Retrieve each line that contains the word "COLUMN" from the entries below.

### Records from a data collection
((
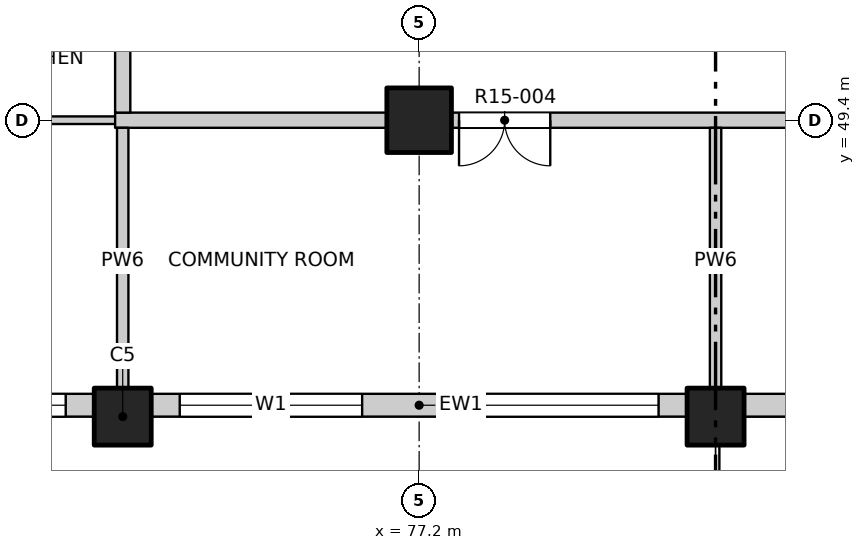
"""IFC4 building model, lengths in metres.
Left out: names, types, materials, properties, quantities, classifications, styles, units other than length and angle.
Written with IfcOpenShell. Run it as: python <this file> out.ifc"""

import sys

from ifc_helpers import new_model, si_unit, direction, frame, frame_2d, origin, origin_2d, place, context, subcontext, project, spatial, rectangle, extrude, element, fill, save


model = new_model("IFC4")
c1 = context("Model", 3, precision=1e-05, world=origin(), true_north=direction((0.0, 1.0)))
c2 = subcontext(c1, "Body", "Model", "MODEL_VIEW")
j1 = project(units=[si_unit("LENGTHUNIT", "METRE"), si_unit("PLANEANGLEUNIT", "RADIAN")], contexts=[c1])
p1 = place(None, origin())
s1 = spatial("IfcSite", under=j1, at=p1, CompositionType="ELEMENT")
p2 = place(p1, origin())
s2 = spatial("IfcBuilding", under=s1, at=p2, CompositionType="ELEMENT")
p3 = place(p2, frame((0.0, 0.0, 158.8)))
s3 = spatial("IfcBuildingStorey", under=s2, at=p3, CompositionType="ELEMENT", Elevation=158.8)
for number, where, z_axis, x_axis in (
    (1, (73.3, 45.5, -0.25), (0.0, 0.0, 1.0), (1.0, 0.0, 0.0)),
    (2, (81.1, 45.5, -0.25), (0.0, 0.0, 1.0), (1.0, 0.0, 0.0)),
):
    element("IfcColumn", number, at=place(p3, frame(where, z_axis=z_axis, x_axis=x_axis)), inside=s3, PredefinedType="COLUMN", context=c2, shape_type="SweptSolid", body=[
        extrude(rectangle(XDim=0.75, YDim=0.75, at=origin_2d()), origin(), (0.0, 0.0, 1.0), 3.4),
    ])
p4 = place(p3, frame((77.2, 49.4, -0.25), z_axis=(0.0, 0.0, 1.0), x_axis=(1.0, 0.0, 0.0)))
e3 = element("IfcColumn", 3, at=p4, inside=s3, PredefinedType="COLUMN", context=c2, shape_type="SweptSolid", body=[
    extrude(rectangle(XDim=0.85, YDim=0.85, at=origin_2d()), origin(), (0.0, 0.0, 1.0), 3.4),
])
p5 = place(p3, frame((69.4, 45.65, 0.0), z_axis=(0.0, 0.0, 1.0), x_axis=(1.0, 0.0, 0.0)))
e4 = element("IfcWall", 4, at=p5, inside=s3, PredefinedType="SOLIDWALL", context=c2, shape_type="SweptSolid", body=[
    extrude(rectangle(XDim=3.525, YDim=0.3, at=frame_2d((1.763, 0.0))), origin(), (0.0, 0.0, 1.0), 2.7),
])
p6 = place(p5, frame((0.75, 0.0, 0.9)))
e5 = element("IfcOpeningElement", 5, at=p6, cuts=e4, PredefinedType="OPENING", context=c2, shape_type="SweptSolid", body=[
    extrude(rectangle(XDim=2.4, YDim=1.8, at=frame_2d((1.2, 0.9))), frame((0.0, 0.16, 0.0), z_axis=(0.0, -1.0, 0.0), x_axis=(1.0, 0.0, 0.0)), (0.0, 0.0, 1.0), 0.32),
])
p7 = place(p3, frame((73.675, 45.65, 0.0), z_axis=(0.0, 0.0, 1.0), x_axis=(1.0, 0.0, 0.0)))
e6 = element("IfcWall", 6, at=p7, inside=s3, PredefinedType="SOLIDWALL", context=c2, shape_type="SweptSolid", body=[
    extrude(rectangle(XDim=7.05, YDim=0.3, at=frame_2d((3.525, 0.0))), origin(), (0.0, 0.0, 1.0), 2.7),
])
p8 = place(p7, frame((0.375, 0.0, 0.9)))
e7 = element("IfcOpeningElement", 7, at=p8, cuts=e6, PredefinedType="OPENING", context=c2, shape_type="SweptSolid", body=[
    extrude(rectangle(XDim=2.4, YDim=1.8, at=frame_2d((1.2, 0.9))), frame((0.0, 0.16, 0.0), z_axis=(0.0, -1.0, 0.0), x_axis=(1.0, 0.0, 0.0)), (0.0, 0.0, 1.0), 0.32),
])
p9 = place(p7, frame((4.275, 0.0, 0.9)))
e8 = element("IfcOpeningElement", 8, at=p9, cuts=e6, PredefinedType="OPENING", context=c2, shape_type="SweptSolid", body=[
    extrude(rectangle(XDim=2.4, YDim=1.8, at=frame_2d((1.2, 0.9))), frame((0.0, 0.16, 0.0), z_axis=(0.0, -1.0, 0.0), x_axis=(1.0, 0.0, 0.0)), (0.0, 0.0, 1.0), 0.32),
])
p10 = place(p3, frame((81.475, 45.65, 0.0), z_axis=(0.0, 0.0, 1.0), x_axis=(1.0, 0.0, 0.0)))
e9 = element("IfcWall", 9, at=p10, inside=s3, PredefinedType="SOLIDWALL", context=c2, shape_type="SweptSolid", body=[
    extrude(rectangle(XDim=7.05, YDim=0.3, at=frame_2d((3.525, 0.0))), origin(), (0.0, 0.0, 1.0), 2.7),
])
p11 = place(p10, frame((0.675, 0.0, 0.0)))
e10 = element("IfcOpeningElement", 10, at=p11, cuts=e9, PredefinedType="OPENING", context=c2, shape_type="SweptSolid", body=[
    extrude(rectangle(XDim=1.8, YDim=2.4, at=frame_2d((0.9, 1.2))), frame((0.0, 0.16, 0.0), z_axis=(0.0, -1.0, 0.0), x_axis=(1.0, 0.0, 0.0)), (0.0, 0.0, 1.0), 0.32),
])
p12 = place(p10, frame((4.275, 0.0, 0.9)))
e11 = element("IfcOpeningElement", 11, at=p12, cuts=e9, PredefinedType="OPENING", context=c2, shape_type="SweptSolid", body=[
    extrude(rectangle(XDim=2.4, YDim=1.8, at=frame_2d((1.2, 0.9))), frame((0.0, 0.16, 0.0), z_axis=(0.0, -1.0, 0.0), x_axis=(1.0, 0.0, 0.0)), (0.0, 0.0, 1.0), 0.32),
])
p13 = place(p3, frame((65.8, 49.4, 0.0), z_axis=(0.0, 0.0, 1.0), x_axis=(1.0, 0.0, 0.0)))
e12 = element("IfcWall", 12, at=p13, inside=s3, PredefinedType="PARTITIONING", context=c2, shape_type="SweptSolid", body=[
    extrude(rectangle(XDim=7.6, YDim=0.1, at=frame_2d((3.8, 0.0))), origin(), (0.0, 0.0, 1.0), 3.15),
])
p14 = place(p13, frame((4.14, 0.0, 0.0)))
e13 = element("IfcOpeningElement", 13, at=p14, cuts=e12, PredefinedType="OPENING", context=c2, shape_type="SweptSolid", body=[
    extrude(rectangle(XDim=0.9, YDim=2.1, at=frame_2d((0.45, 1.05))), frame((0.0, 0.06, 0.0), z_axis=(0.0, -1.0, 0.0), x_axis=(1.0, 0.0, 0.0)), (0.0, 0.0, 1.0), 0.12),
])
p15 = place(p3, frame((73.2, 49.4, 0.0), z_axis=(0.0, 0.0, 1.0), x_axis=(1.0, 0.0, 0.0)))
e14 = element("IfcWall", 14, at=p15, inside=s3, PredefinedType="PARTITIONING", context=c2, shape_type="SweptSolid", body=[
    extrude(rectangle(XDim=23.6, YDim=0.2, at=frame_2d((11.8, 0.0))), origin(), (0.0, 0.0, 1.0), 3.15),
])
p16 = place(p15, frame((4.525, 0.0, 0.0)))
e15 = element("IfcOpeningElement", 15, at=p16, cuts=e14, PredefinedType="OPENING", context=c2, shape_type="SweptSolid", body=[
    extrude(rectangle(XDim=1.2, YDim=2.1, at=frame_2d((0.6, 1.05))), frame((0.0, 0.11, 0.0), z_axis=(0.0, -1.0, 0.0), x_axis=(1.0, 0.0, 0.0)), (0.0, 0.0, 1.0), 0.22),
])
p17 = place(p15, frame((15.1, 0.0, 0.0)))
e16 = element("IfcOpeningElement", 16, at=p17, cuts=e14, PredefinedType="OPENING", context=c2, shape_type="SweptSolid", body=[
    extrude(rectangle(XDim=1.2, YDim=2.1, at=frame_2d((0.6, 1.05))), frame((0.0, 0.11, 0.0), z_axis=(0.0, -1.0, 0.0), x_axis=(1.0, 0.0, 0.0)), (0.0, 0.0, 1.0), 0.22),
])
p18 = place(p3, frame((73.3, 45.8, 0.0), z_axis=(0.0, 0.0, 1.0), x_axis=(0.0, 1.0, 0.0)))
e17 = element("IfcWall", 17, at=p18, inside=s3, PredefinedType="PARTITIONING", context=c2, shape_type="SweptSolid", body=[
    extrude(rectangle(XDim=3.5, YDim=0.15, at=frame_2d((1.75, 0.0))), origin(), (0.0, 0.0, 1.0), 3.15),
])
p19 = place(p3, frame((73.3, 49.5, 0.0), z_axis=(0.0, 0.0, 1.0), x_axis=(0.0, 1.0, 0.0)))
e18 = element("IfcWall", 18, at=p19, inside=s3, PredefinedType="PARTITIONING", context=c2, shape_type="SweptSolid", body=[
    extrude(rectangle(XDim=34.7, YDim=0.2, at=frame_2d((17.35, 0.0))), origin(), (0.0, 0.0, 1.0), 3.15),
])
p20 = place(p19, frame((6.975, 0.0, 0.0)))
e19 = element("IfcOpeningElement", 19, at=p20, cuts=e18, PredefinedType="OPENING", context=c2, shape_type="SweptSolid", body=[
    extrude(rectangle(XDim=1.0, YDim=2.1, at=frame_2d((0.5, 1.05))), frame((0.0, 0.11, 0.0), z_axis=(0.0, -1.0, 0.0), x_axis=(1.0, 0.0, 0.0)), (0.0, 0.0, 1.0), 0.22),
])
p21 = place(p19, frame((19.075, 0.0, 0.0)))
e20 = element("IfcOpeningElement", 20, at=p21, cuts=e18, PredefinedType="OPENING", context=c2, shape_type="SweptSolid", body=[
    extrude(rectangle(XDim=1.0, YDim=2.1, at=frame_2d((0.5, 1.05))), frame((0.0, 0.11, 0.0), z_axis=(0.0, -1.0, 0.0), x_axis=(1.0, 0.0, 0.0)), (0.0, 0.0, 1.0), 0.22),
])
p22 = place(p19, frame((27.675, 0.0, 0.0)))
e21 = element("IfcOpeningElement", 21, at=p22, cuts=e18, PredefinedType="OPENING", context=c2, shape_type="SweptSolid", body=[
    extrude(rectangle(XDim=1.0, YDim=2.1, at=frame_2d((0.5, 1.05))), frame((0.0, 0.11, 0.0), z_axis=(0.0, -1.0, 0.0), x_axis=(1.0, 0.0, 0.0)), (0.0, 0.0, 1.0), 0.22),
])
p23 = place(p3, frame((81.1, 45.8, 0.0), z_axis=(0.0, 0.0, 1.0), x_axis=(0.0, 1.0, 0.0)))
e22 = element("IfcWall", 22, at=p23, inside=s3, PredefinedType="PARTITIONING", context=c2, shape_type="SweptSolid", body=[
    extrude(rectangle(XDim=3.5, YDim=0.15, at=frame_2d((1.75, 0.0))), origin(), (0.0, 0.0, 1.0), 2.55),
])
p24 = place(p6, origin())
e23 = element("IfcWindow", 23, at=p24, inside=s3, PartitioningType="DOUBLE_PANEL_VERTICAL", PredefinedType="WINDOW", context=c2, shape_type="SweptSolid", body=[
    extrude(rectangle(XDim=2.4, YDim=1.8, at=frame_2d((1.2, 0.9))), frame((0.0, 0.03, 0.0), z_axis=(0.0, -1.0, 0.0), x_axis=(1.0, 0.0, 0.0)), (0.0, 0.0, 1.0), 0.06),
])
fill(e5, e23)
p25 = place(p8, origin())
e24 = element("IfcWindow", 24, at=p25, inside=s3, PartitioningType="DOUBLE_PANEL_VERTICAL", PredefinedType="WINDOW", context=c2, shape_type="SweptSolid", body=[
    extrude(rectangle(XDim=2.4, YDim=1.8, at=frame_2d((1.2, 0.9))), frame((0.0, 0.03, 0.0), z_axis=(0.0, -1.0, 0.0), x_axis=(1.0, 0.0, 0.0)), (0.0, 0.0, 1.0), 0.06),
])
fill(e7, e24)
p26 = place(p9, origin())
e25 = element("IfcWindow", 25, at=p26, inside=s3, PartitioningType="DOUBLE_PANEL_VERTICAL", PredefinedType="WINDOW", context=c2, shape_type="SweptSolid", body=[
    extrude(rectangle(XDim=2.4, YDim=1.8, at=frame_2d((1.2, 0.9))), frame((0.0, 0.03, 0.0), z_axis=(0.0, -1.0, 0.0), x_axis=(1.0, 0.0, 0.0)), (0.0, 0.0, 1.0), 0.06),
])
fill(e8, e25)
p27 = place(p16, origin())
e26 = element("IfcDoor", 26, at=p27, inside=s3, OperationType="DOUBLE_DOOR_SINGLE_SWING", PredefinedType="DOOR", context=c2, shape_type="SweptSolid", body=[
    extrude(rectangle(XDim=1.2, YDim=2.1, at=frame_2d((0.6, 1.05))), frame((0.0, 0.025, 0.0), z_axis=(0.0, -1.0, 0.0), x_axis=(1.0, 0.0, 0.0)), (0.0, 0.0, 1.0), 0.05),
])
fill(e15, e26)
save(model, sys.argv[1])
))
### YOUR RESPONSE
    element("IfcColumn", number, at=place(p3, frame(where, z_axis=z_axis, x_axis=x_axis)), inside=s3, PredefinedType="COLUMN", context=c2, shape_type="SweptSolid", body=[
e3 = element("IfcColumn", 3, at=p4, inside=s3, PredefinedType="COLUMN", context=c2, shape_type="SweptSolid", body=[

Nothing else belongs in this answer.